## About this task
Beginning at the line containing "#10=CARTESIAN_POINT('',(24.742,-15.193,-2.258));" in the material below and ending at the line containing "#19=CARTESIAN_POINT('',(24.506,-15.11,-2.175));", return each line exactly and add nothing.

## Records provided
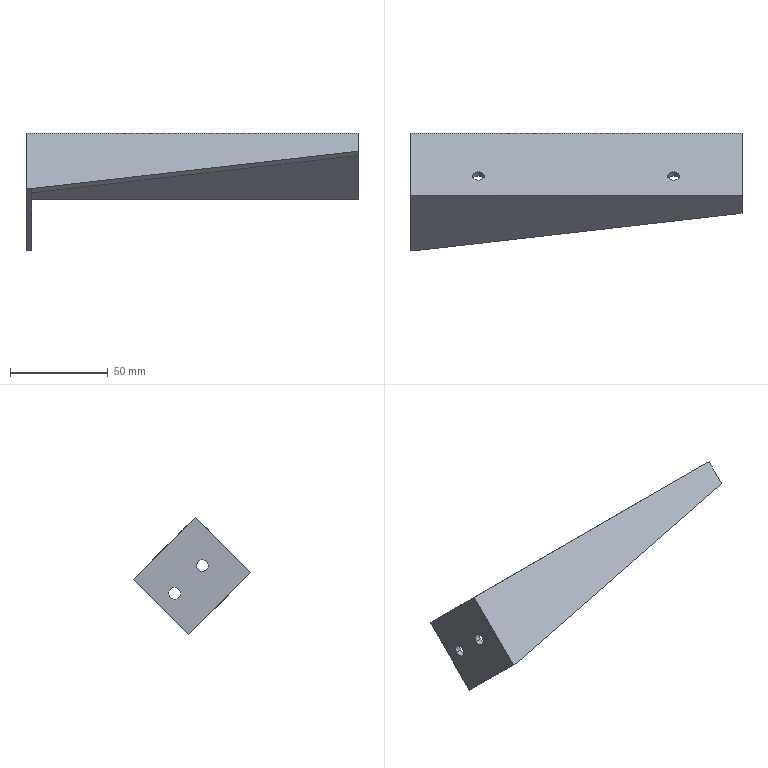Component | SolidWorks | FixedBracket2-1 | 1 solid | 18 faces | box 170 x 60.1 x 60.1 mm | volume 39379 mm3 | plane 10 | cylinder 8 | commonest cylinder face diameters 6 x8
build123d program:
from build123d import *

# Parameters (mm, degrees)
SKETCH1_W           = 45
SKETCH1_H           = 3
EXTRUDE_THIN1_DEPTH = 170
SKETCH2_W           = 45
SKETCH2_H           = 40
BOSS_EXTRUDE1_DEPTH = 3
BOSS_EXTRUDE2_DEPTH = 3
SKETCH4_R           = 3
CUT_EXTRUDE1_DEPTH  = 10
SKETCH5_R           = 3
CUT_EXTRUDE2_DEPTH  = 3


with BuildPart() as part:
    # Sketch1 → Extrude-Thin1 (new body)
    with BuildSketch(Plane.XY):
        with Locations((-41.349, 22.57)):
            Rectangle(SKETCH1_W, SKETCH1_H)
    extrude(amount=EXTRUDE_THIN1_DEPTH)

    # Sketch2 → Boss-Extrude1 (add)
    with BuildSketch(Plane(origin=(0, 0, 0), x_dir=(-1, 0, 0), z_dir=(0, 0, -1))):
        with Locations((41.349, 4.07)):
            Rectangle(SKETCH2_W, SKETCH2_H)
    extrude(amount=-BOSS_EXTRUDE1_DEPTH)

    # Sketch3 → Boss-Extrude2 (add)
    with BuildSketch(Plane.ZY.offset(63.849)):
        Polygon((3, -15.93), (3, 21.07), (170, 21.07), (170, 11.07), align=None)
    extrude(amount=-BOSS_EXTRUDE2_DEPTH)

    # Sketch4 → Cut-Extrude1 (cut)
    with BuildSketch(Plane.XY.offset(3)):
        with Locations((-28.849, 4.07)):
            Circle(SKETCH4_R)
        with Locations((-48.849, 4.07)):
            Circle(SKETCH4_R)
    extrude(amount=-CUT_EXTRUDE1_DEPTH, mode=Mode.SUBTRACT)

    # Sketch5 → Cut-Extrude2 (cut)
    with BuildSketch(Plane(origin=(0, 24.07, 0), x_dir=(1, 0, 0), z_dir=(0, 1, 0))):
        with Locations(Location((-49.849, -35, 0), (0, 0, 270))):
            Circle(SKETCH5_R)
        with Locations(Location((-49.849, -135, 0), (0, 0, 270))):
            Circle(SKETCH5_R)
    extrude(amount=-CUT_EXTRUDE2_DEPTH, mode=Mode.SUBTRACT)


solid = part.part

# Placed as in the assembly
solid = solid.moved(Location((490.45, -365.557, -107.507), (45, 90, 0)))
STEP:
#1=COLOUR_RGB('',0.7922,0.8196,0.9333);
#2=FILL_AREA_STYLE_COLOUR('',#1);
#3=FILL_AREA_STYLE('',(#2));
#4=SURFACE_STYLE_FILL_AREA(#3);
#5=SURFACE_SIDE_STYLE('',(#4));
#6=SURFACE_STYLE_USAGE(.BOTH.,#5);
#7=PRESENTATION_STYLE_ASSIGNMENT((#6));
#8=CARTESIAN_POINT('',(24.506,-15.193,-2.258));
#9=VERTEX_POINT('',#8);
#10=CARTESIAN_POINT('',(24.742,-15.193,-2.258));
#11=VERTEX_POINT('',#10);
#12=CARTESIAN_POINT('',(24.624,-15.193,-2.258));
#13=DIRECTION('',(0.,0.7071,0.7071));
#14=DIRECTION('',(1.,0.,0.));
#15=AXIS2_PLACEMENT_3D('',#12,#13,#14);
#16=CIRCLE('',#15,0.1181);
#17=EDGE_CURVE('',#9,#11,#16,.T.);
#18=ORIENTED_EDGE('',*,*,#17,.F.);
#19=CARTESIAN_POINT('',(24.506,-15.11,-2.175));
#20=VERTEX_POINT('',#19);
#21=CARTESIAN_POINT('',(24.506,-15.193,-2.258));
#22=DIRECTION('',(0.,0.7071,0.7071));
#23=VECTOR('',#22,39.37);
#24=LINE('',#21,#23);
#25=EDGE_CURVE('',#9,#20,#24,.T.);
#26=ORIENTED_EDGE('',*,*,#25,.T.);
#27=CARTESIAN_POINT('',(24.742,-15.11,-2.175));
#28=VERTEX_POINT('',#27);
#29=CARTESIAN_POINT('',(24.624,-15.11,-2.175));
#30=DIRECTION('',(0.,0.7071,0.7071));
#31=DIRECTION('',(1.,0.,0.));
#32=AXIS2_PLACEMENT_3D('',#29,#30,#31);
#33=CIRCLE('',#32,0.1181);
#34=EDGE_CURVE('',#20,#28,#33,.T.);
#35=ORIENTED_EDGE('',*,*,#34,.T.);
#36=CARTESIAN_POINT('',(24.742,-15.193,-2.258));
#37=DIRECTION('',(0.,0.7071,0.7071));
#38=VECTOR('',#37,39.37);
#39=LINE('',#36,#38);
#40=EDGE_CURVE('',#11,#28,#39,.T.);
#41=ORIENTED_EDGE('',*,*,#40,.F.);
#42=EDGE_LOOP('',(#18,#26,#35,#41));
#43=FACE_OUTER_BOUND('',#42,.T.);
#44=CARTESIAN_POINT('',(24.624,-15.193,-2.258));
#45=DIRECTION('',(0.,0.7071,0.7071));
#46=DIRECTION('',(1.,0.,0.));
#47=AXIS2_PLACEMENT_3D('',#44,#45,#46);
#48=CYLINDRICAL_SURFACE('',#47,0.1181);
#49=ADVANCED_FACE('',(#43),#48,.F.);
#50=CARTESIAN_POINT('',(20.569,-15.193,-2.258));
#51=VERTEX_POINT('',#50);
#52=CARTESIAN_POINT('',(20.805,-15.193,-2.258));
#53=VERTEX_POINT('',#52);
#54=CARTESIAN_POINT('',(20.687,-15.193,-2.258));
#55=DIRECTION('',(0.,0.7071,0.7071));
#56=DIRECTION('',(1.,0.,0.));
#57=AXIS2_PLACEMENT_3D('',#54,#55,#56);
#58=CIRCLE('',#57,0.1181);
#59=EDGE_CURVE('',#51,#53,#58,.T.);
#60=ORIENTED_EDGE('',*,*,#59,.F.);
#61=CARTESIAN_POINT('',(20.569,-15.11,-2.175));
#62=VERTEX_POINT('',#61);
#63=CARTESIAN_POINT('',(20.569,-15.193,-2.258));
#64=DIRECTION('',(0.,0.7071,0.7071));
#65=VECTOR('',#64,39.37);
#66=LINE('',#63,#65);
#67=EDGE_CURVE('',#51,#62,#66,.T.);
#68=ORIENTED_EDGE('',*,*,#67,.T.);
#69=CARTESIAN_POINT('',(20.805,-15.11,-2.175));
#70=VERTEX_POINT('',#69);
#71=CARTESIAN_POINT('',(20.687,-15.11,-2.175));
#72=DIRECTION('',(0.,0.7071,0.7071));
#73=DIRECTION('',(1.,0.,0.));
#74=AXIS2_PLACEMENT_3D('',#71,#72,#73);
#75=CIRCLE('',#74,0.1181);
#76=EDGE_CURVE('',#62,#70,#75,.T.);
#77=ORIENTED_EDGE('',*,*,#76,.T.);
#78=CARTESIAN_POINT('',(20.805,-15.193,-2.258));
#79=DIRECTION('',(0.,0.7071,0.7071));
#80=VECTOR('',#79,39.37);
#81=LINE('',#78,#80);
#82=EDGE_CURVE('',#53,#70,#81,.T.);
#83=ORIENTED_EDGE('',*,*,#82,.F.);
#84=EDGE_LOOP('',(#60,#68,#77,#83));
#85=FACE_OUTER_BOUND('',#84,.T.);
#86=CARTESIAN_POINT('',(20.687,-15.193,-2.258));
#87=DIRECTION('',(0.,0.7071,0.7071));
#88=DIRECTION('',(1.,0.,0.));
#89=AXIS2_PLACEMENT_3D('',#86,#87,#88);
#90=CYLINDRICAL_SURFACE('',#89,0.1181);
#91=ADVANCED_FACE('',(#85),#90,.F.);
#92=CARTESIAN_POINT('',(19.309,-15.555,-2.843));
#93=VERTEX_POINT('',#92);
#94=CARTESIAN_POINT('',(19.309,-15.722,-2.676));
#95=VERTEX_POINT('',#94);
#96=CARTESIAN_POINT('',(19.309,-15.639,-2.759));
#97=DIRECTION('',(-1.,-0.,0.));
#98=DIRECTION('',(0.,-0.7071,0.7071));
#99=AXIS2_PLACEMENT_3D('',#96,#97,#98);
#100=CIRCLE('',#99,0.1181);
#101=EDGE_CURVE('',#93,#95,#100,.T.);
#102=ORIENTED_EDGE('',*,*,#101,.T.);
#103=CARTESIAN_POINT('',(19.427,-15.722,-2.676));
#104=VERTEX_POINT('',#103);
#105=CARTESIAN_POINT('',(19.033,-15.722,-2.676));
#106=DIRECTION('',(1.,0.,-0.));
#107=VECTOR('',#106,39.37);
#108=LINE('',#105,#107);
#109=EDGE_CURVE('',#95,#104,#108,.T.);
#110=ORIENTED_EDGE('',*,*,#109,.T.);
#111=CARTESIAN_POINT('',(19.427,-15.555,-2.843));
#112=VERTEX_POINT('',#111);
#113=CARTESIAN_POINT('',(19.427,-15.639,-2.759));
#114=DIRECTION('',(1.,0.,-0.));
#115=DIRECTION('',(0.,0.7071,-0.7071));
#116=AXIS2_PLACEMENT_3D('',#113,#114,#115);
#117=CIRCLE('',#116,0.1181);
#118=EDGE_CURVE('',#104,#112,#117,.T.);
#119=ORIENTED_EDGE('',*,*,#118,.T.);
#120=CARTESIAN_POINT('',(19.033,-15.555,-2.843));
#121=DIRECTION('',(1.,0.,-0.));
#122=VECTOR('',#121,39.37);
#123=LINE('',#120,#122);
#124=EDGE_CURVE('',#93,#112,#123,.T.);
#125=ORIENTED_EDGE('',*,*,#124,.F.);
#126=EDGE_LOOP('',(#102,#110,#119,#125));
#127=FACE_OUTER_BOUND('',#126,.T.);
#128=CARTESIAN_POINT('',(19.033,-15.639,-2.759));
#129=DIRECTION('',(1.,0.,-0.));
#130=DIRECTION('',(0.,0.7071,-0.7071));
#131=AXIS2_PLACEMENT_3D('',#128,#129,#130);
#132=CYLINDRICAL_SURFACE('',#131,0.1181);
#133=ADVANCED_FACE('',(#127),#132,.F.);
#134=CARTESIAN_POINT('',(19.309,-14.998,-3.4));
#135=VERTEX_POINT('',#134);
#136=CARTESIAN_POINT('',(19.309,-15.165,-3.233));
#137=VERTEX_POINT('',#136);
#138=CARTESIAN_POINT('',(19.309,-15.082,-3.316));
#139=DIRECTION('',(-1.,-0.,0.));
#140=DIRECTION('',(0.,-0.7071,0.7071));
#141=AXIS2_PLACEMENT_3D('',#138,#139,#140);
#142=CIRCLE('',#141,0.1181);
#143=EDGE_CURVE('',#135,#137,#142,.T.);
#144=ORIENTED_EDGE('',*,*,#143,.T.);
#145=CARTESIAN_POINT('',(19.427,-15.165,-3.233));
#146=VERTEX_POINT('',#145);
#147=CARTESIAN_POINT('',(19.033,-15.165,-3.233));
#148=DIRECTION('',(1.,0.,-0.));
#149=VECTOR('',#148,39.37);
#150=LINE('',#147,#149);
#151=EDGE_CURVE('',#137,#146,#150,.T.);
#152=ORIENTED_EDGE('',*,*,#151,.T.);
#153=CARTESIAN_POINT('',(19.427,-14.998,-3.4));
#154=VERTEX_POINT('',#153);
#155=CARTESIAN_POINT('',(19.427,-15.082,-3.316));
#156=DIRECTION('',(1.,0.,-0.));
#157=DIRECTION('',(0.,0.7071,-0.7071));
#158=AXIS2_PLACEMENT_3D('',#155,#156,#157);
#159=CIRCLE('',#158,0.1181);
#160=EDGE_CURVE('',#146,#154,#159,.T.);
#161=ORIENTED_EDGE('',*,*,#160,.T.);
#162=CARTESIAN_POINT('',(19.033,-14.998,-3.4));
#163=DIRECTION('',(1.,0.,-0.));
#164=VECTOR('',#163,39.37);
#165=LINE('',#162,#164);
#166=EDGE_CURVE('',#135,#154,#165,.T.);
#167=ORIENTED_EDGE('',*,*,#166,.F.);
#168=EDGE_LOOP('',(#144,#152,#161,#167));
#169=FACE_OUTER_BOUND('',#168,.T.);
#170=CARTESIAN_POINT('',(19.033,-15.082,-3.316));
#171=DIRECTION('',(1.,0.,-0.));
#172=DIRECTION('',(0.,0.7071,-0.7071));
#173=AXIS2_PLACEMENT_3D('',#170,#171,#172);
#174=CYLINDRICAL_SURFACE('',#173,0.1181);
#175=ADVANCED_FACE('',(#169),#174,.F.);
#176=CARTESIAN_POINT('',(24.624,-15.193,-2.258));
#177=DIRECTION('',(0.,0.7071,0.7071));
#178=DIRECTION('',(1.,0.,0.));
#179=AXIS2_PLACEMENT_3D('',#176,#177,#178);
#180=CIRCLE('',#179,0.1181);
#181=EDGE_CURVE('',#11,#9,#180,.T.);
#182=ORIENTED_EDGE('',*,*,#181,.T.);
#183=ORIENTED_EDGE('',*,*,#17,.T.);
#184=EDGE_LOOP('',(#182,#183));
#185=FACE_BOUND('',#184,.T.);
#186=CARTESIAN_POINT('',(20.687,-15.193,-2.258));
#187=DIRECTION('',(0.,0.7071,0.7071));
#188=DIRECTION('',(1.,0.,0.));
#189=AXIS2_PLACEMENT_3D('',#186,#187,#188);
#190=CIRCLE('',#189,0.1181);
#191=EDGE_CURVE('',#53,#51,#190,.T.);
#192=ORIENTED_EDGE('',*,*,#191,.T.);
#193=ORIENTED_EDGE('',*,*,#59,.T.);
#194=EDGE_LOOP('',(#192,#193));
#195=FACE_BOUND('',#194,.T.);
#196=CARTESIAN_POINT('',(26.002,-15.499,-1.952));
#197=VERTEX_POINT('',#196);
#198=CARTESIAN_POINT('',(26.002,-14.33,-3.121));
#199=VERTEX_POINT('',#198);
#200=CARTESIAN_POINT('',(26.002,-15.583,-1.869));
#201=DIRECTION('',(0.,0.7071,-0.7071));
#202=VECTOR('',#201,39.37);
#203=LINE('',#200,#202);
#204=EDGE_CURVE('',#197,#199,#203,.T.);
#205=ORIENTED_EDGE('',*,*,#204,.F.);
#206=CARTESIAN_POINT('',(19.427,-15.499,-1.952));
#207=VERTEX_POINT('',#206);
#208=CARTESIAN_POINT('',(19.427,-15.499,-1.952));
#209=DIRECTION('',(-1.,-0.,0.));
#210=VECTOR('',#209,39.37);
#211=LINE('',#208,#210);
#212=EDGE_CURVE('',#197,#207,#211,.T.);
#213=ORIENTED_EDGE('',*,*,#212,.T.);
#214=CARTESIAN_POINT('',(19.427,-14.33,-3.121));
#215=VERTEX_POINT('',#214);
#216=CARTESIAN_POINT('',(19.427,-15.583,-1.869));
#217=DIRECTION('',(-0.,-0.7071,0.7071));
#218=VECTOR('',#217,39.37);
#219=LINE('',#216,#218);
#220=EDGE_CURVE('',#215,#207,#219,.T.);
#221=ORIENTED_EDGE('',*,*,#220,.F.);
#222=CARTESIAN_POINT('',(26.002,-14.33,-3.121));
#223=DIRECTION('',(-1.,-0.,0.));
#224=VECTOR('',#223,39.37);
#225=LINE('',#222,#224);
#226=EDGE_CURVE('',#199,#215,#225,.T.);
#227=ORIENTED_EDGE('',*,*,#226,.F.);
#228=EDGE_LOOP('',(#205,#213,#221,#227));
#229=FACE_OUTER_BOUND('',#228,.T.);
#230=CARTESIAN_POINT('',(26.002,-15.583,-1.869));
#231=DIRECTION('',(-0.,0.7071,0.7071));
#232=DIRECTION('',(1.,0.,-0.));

## Answer space
#10=CARTESIAN_POINT('',(24.742,-15.193,-2.258));
#11=VERTEX_POINT('',#10);
#12=CARTESIAN_POINT('',(24.624,-15.193,-2.258));
#13=DIRECTION('',(0.,0.7071,0.7071));
#14=DIRECTION('',(1.,0.,0.));
#15=AXIS2_PLACEMENT_3D('',#12,#13,#14);
#16=CIRCLE('',#15,0.1181);
#17=EDGE_CURVE('',#9,#11,#16,.T.);
#18=ORIENTED_EDGE('',*,*,#17,.F.);
#19=CARTESIAN_POINT('',(24.506,-15.11,-2.175));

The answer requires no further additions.